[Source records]
=-=-=
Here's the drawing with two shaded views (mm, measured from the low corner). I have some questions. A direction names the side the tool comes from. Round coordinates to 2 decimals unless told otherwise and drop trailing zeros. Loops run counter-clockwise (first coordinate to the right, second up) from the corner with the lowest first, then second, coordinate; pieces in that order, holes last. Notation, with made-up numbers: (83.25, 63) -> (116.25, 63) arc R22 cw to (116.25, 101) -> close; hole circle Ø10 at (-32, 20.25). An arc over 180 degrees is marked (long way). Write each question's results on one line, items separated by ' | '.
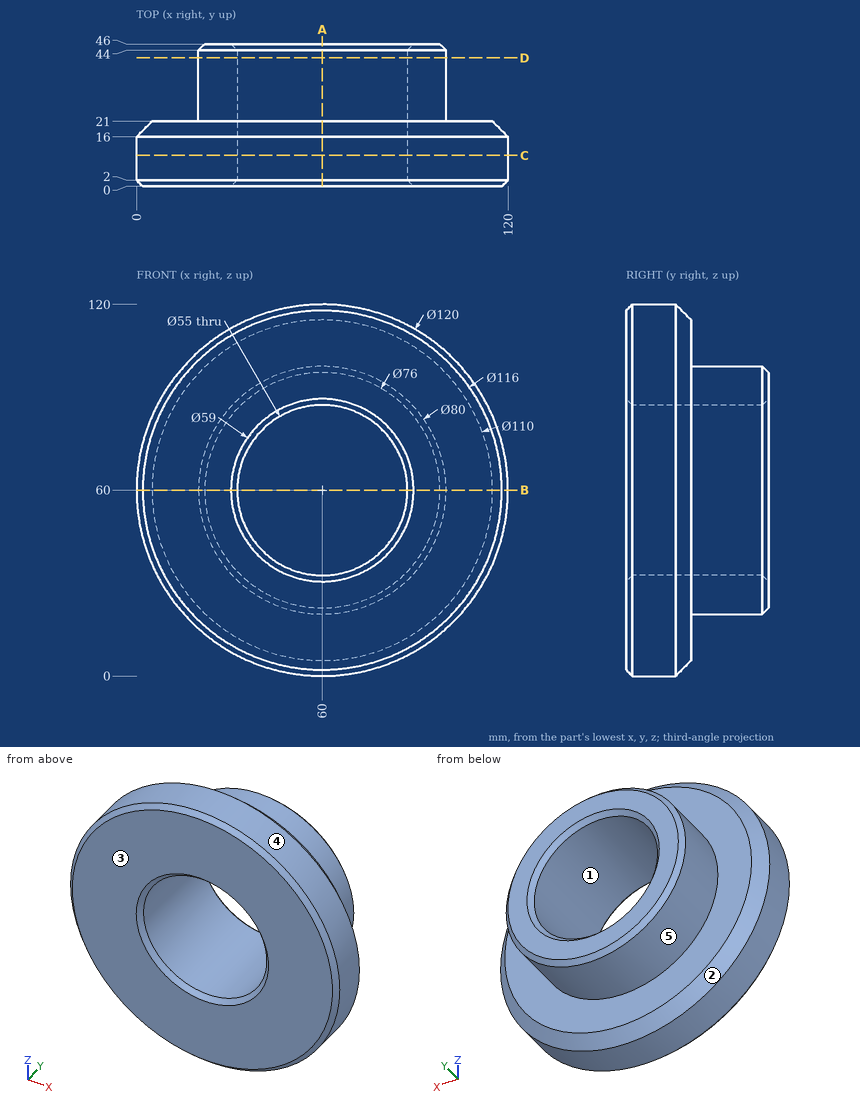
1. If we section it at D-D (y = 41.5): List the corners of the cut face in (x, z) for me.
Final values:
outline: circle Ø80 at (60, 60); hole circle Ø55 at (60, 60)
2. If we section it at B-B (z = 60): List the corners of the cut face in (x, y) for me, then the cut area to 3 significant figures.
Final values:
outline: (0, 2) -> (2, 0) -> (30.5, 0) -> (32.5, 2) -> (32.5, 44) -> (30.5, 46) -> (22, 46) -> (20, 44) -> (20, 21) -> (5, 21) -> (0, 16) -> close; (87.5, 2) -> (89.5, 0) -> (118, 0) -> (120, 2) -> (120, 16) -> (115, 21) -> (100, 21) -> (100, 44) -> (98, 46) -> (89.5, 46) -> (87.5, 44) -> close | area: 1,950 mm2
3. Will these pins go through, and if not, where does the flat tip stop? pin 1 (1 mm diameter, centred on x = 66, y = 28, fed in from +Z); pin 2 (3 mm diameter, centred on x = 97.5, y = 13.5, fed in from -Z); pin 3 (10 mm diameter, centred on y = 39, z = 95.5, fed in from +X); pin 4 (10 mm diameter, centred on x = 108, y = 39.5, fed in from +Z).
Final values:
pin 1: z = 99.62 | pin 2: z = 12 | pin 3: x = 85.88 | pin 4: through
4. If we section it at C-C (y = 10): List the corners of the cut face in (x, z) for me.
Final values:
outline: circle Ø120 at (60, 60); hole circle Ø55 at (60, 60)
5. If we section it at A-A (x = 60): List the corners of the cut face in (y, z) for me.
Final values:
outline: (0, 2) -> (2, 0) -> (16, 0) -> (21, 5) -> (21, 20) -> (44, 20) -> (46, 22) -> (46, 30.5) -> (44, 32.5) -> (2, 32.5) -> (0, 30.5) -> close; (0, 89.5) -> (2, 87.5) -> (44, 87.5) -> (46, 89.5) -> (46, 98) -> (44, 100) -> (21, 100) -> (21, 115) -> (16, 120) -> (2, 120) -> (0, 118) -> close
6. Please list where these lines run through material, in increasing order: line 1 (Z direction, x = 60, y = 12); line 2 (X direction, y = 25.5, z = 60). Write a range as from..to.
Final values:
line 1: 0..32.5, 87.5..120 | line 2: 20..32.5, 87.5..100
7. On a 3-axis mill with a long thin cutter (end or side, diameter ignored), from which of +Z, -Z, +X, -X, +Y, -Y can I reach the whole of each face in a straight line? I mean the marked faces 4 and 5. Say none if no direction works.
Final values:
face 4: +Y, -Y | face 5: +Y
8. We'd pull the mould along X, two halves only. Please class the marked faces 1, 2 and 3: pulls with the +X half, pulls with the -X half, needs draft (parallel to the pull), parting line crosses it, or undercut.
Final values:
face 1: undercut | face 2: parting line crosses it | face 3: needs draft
=-=-=
_WHAT THE EXERCISE ASKS_:
Find the line containing "line 1: 0..32.5, 87.5..120", then output it and every line after it to the end of the data, exactly.

_RESPONSE TO THE EXERCISE_:
line 1: 0..32.5, 87.5..120 | line 2: 20..32.5, 87.5..100
7. On a 3-axis mill with a long thin cutter (end or side, diameter ignored), from which of +Z, -Z, +X, -X, +Y, -Y can I reach the whole of each face in a straight line? I mean the marked faces 4 and 5. Say none if no direction works.
Final values:
face 4: +Y, -Y | face 5: +Y
8. We'd pull the mould along X, two halves only. Please class the marked faces 1, 2 and 3: pulls with the +X half, pulls with the -X half, needs draft (parallel to the pull), parting line crosses it, or undercut.
Final values:
face 1: undercut | face 2: parting line crosses it | face 3: needs draft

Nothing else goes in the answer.